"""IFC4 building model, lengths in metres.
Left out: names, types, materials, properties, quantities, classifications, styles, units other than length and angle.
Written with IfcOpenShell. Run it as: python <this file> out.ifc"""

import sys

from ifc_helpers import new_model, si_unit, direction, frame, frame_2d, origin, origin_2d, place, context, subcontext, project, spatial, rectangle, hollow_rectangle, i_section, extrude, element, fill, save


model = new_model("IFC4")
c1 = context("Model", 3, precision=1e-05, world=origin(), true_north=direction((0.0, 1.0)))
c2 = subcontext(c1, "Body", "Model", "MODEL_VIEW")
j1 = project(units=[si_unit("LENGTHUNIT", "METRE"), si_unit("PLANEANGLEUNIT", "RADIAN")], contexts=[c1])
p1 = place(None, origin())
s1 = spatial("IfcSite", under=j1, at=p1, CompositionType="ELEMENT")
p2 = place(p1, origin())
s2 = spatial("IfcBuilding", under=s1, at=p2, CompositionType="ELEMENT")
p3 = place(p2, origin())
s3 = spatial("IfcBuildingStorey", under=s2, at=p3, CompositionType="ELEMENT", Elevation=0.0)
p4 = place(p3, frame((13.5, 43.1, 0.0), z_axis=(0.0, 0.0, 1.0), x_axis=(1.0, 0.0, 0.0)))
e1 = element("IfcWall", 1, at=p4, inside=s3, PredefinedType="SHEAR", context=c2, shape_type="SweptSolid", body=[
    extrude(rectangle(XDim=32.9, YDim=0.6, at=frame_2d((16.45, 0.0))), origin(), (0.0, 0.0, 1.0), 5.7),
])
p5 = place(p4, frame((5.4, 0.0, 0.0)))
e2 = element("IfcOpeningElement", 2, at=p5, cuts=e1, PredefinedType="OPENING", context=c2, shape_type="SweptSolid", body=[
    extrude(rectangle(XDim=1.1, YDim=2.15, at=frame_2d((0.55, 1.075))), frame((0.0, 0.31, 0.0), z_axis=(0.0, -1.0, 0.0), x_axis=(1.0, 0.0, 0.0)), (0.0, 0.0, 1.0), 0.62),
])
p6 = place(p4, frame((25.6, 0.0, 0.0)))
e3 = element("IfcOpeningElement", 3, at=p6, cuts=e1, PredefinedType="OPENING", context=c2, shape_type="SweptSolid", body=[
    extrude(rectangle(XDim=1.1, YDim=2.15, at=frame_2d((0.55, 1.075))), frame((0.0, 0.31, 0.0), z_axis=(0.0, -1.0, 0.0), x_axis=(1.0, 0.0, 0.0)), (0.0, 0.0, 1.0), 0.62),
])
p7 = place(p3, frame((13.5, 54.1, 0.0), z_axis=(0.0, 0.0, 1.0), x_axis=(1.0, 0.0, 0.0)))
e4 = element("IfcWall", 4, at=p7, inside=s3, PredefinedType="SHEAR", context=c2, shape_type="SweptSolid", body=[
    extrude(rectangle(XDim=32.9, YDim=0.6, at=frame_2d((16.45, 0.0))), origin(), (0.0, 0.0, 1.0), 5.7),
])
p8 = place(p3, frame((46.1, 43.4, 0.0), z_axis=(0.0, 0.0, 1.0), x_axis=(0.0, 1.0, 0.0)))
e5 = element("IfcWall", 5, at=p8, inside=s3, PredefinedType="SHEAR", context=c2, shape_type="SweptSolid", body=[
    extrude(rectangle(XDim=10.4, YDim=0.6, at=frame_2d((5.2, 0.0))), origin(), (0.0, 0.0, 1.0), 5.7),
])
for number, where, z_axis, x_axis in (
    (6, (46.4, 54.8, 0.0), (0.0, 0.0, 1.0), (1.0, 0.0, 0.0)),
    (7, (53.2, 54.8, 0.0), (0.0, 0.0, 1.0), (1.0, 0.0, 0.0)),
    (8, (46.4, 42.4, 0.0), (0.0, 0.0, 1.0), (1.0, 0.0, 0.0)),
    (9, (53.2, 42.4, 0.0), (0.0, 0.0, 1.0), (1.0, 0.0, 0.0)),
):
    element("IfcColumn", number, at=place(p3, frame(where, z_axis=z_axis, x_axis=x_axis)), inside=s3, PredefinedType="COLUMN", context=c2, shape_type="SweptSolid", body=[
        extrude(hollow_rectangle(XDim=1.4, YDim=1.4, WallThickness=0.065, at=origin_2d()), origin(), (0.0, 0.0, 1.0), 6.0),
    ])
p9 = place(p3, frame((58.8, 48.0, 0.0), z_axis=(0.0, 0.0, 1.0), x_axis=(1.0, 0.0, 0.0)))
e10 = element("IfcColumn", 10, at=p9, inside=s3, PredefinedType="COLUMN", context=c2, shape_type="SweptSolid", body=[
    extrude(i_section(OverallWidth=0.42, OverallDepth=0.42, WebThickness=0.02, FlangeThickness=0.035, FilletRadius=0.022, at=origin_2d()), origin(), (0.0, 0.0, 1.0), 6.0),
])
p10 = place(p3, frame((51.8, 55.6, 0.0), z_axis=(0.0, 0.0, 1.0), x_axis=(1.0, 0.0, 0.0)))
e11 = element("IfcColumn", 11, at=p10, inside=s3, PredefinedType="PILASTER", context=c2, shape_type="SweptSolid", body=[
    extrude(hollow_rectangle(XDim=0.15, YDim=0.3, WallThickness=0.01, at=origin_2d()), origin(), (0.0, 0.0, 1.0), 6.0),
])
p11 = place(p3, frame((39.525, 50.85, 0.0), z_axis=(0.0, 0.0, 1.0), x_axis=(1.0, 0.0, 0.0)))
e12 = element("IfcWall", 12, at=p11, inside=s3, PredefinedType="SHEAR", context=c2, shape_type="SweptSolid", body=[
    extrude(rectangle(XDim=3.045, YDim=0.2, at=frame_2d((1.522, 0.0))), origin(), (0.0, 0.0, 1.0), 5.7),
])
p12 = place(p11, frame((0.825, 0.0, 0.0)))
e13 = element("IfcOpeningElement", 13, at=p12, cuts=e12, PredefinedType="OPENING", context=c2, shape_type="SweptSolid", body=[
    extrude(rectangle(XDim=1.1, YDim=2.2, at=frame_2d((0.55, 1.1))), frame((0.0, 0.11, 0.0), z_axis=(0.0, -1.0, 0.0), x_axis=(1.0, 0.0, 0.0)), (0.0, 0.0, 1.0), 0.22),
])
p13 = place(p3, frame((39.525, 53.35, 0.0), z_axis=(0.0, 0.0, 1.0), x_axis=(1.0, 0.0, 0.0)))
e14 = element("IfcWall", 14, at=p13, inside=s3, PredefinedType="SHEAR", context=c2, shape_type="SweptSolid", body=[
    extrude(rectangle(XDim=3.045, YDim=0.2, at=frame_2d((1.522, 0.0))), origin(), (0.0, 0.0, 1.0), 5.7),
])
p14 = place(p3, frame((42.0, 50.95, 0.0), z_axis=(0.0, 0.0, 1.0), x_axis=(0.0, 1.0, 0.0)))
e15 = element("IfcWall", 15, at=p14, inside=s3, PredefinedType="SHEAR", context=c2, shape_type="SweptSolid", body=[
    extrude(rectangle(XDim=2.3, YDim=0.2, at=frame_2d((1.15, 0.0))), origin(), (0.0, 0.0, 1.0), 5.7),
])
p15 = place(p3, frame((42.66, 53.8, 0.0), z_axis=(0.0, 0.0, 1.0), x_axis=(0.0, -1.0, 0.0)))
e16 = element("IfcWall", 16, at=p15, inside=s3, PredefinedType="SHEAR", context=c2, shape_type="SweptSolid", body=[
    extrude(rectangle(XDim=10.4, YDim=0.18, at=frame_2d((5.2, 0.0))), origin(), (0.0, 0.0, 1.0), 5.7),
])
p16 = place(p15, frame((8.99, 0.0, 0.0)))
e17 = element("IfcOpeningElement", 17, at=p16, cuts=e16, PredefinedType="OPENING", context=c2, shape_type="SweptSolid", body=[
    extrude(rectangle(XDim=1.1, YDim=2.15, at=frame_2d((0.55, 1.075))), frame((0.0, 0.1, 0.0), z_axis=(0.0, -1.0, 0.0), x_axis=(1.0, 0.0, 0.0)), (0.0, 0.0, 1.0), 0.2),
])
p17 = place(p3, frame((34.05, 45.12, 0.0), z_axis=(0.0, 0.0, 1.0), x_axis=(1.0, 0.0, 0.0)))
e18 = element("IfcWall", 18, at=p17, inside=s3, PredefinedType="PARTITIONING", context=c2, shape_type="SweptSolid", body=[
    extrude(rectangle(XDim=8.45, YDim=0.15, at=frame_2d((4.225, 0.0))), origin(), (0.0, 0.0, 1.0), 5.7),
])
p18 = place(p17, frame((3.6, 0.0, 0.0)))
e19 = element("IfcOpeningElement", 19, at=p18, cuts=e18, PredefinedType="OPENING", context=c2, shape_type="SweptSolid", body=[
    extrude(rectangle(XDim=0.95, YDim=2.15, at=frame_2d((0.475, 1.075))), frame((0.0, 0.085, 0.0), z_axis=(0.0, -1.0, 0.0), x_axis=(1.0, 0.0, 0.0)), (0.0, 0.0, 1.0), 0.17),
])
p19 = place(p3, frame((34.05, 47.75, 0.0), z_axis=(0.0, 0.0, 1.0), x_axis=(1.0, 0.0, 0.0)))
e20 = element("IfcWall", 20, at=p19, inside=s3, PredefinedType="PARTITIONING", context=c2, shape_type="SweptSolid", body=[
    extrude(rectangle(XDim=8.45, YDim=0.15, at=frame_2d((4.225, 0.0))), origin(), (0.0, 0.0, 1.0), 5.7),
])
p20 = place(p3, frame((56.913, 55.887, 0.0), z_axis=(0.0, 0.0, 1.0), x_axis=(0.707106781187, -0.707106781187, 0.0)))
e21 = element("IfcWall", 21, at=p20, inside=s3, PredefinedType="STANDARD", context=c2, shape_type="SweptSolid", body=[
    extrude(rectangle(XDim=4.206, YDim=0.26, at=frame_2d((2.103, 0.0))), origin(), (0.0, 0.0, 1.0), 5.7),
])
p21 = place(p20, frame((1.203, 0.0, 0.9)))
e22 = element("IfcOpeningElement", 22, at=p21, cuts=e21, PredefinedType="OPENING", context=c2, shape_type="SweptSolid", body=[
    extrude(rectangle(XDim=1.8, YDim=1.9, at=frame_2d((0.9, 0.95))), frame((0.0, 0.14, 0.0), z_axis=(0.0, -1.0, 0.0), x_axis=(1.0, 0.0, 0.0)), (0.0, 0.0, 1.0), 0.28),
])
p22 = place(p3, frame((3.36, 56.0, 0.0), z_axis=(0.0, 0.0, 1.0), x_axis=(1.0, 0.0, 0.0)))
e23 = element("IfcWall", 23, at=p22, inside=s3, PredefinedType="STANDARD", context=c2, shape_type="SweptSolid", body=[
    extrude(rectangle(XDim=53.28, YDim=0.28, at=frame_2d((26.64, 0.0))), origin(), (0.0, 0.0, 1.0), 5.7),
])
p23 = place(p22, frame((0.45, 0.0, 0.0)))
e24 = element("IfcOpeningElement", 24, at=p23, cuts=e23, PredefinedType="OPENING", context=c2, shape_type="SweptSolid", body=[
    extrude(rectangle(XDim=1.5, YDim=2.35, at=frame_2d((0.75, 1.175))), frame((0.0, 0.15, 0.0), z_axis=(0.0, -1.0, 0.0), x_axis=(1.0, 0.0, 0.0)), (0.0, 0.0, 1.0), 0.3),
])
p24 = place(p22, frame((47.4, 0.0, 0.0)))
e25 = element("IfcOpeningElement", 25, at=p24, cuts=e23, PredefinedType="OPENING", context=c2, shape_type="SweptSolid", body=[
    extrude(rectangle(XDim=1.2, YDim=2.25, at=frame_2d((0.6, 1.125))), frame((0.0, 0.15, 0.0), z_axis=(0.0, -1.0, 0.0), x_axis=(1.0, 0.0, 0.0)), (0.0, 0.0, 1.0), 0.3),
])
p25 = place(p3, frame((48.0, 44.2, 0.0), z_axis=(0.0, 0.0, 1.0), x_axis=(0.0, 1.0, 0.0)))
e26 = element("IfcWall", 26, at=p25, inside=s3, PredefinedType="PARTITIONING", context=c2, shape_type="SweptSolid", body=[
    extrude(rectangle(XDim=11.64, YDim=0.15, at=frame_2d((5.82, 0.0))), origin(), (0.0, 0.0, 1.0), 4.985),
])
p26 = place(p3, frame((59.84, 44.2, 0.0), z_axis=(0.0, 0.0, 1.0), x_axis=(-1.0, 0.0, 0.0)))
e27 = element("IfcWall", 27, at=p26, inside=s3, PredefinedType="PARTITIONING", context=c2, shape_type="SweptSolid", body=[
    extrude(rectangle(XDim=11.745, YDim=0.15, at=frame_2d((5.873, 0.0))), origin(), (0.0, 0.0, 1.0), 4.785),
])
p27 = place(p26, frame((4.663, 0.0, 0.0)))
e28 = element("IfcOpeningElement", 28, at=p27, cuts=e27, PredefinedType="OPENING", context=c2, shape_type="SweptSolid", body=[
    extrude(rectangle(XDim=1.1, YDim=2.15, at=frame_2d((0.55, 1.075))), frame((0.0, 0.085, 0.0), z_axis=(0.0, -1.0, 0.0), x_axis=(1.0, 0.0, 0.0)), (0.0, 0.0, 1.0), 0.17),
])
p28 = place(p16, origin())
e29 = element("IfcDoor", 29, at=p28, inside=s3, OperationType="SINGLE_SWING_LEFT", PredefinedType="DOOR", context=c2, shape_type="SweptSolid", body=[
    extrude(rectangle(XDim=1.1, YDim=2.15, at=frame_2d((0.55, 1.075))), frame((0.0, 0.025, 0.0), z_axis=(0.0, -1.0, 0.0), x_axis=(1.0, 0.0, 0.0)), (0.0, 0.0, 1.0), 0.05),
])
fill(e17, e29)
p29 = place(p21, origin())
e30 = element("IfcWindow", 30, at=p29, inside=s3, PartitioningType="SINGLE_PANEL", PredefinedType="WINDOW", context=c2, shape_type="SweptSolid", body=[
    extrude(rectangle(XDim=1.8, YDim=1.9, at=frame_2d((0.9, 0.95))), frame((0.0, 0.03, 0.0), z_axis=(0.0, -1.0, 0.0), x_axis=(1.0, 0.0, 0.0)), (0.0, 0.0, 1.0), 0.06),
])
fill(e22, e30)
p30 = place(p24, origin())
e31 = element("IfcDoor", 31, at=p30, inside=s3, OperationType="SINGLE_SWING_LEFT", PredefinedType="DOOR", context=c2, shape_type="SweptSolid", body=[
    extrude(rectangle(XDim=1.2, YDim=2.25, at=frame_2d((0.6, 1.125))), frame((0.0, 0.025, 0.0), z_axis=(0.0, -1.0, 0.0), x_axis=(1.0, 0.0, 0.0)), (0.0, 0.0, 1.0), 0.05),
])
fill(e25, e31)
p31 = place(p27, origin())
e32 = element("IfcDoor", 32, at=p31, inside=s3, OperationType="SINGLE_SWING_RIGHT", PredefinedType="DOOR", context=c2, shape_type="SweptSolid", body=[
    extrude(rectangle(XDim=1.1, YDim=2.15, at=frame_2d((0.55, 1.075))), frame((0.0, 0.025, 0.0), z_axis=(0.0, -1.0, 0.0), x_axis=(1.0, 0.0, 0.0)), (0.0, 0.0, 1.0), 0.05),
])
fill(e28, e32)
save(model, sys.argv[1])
• • • • • • •
_DIRECTIONS:_ Return word for word the lines above from the line with "47.75, 0.0), z_axis=(0.0, 0.0, 1.0), x_axis=(1.0, 0.0, 0.0)))" to the line with "p23 = place(p22, frame((0.45, 0.0, 0.0)))", including both and leaving out all others.

_TASK RESPONSE:_
p19 = place(p3, frame((34.05, 47.75, 0.0), z_axis=(0.0, 0.0, 1.0), x_axis=(1.0, 0.0, 0.0)))
e20 = element("IfcWall", 20, at=p19, inside=s3, PredefinedType="PARTITIONING", context=c2, shape_type="SweptSolid", body=[
    extrude(rectangle(XDim=8.45, YDim=0.15, at=frame_2d((4.225, 0.0))), origin(), (0.0, 0.0, 1.0), 5.7),
])
p20 = place(p3, frame((56.913, 55.887, 0.0), z_axis=(0.0, 0.0, 1.0), x_axis=(0.707106781187, -0.707106781187, 0.0)))
e21 = element("IfcWall", 21, at=p20, inside=s3, PredefinedType="STANDARD", context=c2, shape_type="SweptSolid", body=[
    extrude(rectangle(XDim=4.206, YDim=0.26, at=frame_2d((2.103, 0.0))), origin(), (0.0, 0.0, 1.0), 5.7),
])
p21 = place(p20, frame((1.203, 0.0, 0.9)))
e22 = element("IfcOpeningElement", 22, at=p21, cuts=e21, PredefinedType="OPENING", context=c2, shape_type="SweptSolid", body=[
    extrude(rectangle(XDim=1.8, YDim=1.9, at=frame_2d((0.9, 0.95))), frame((0.0, 0.14, 0.0), z_axis=(0.0, -1.0, 0.0), x_axis=(1.0, 0.0, 0.0)), (0.0, 0.0, 1.0), 0.28),
])
p22 = place(p3, frame((3.36, 56.0, 0.0), z_axis=(0.0, 0.0, 1.0), x_axis=(1.0, 0.0, 0.0)))
e23 = element("IfcWall", 23, at=p22, inside=s3, PredefinedType="STANDARD", context=c2, shape_type="SweptSolid", body=[
    extrude(rectangle(XDim=53.28, YDim=0.28, at=frame_2d((26.64, 0.0))), origin(), (0.0, 0.0, 1.0), 5.7),
])
p23 = place(p22, frame((0.45, 0.0, 0.0)))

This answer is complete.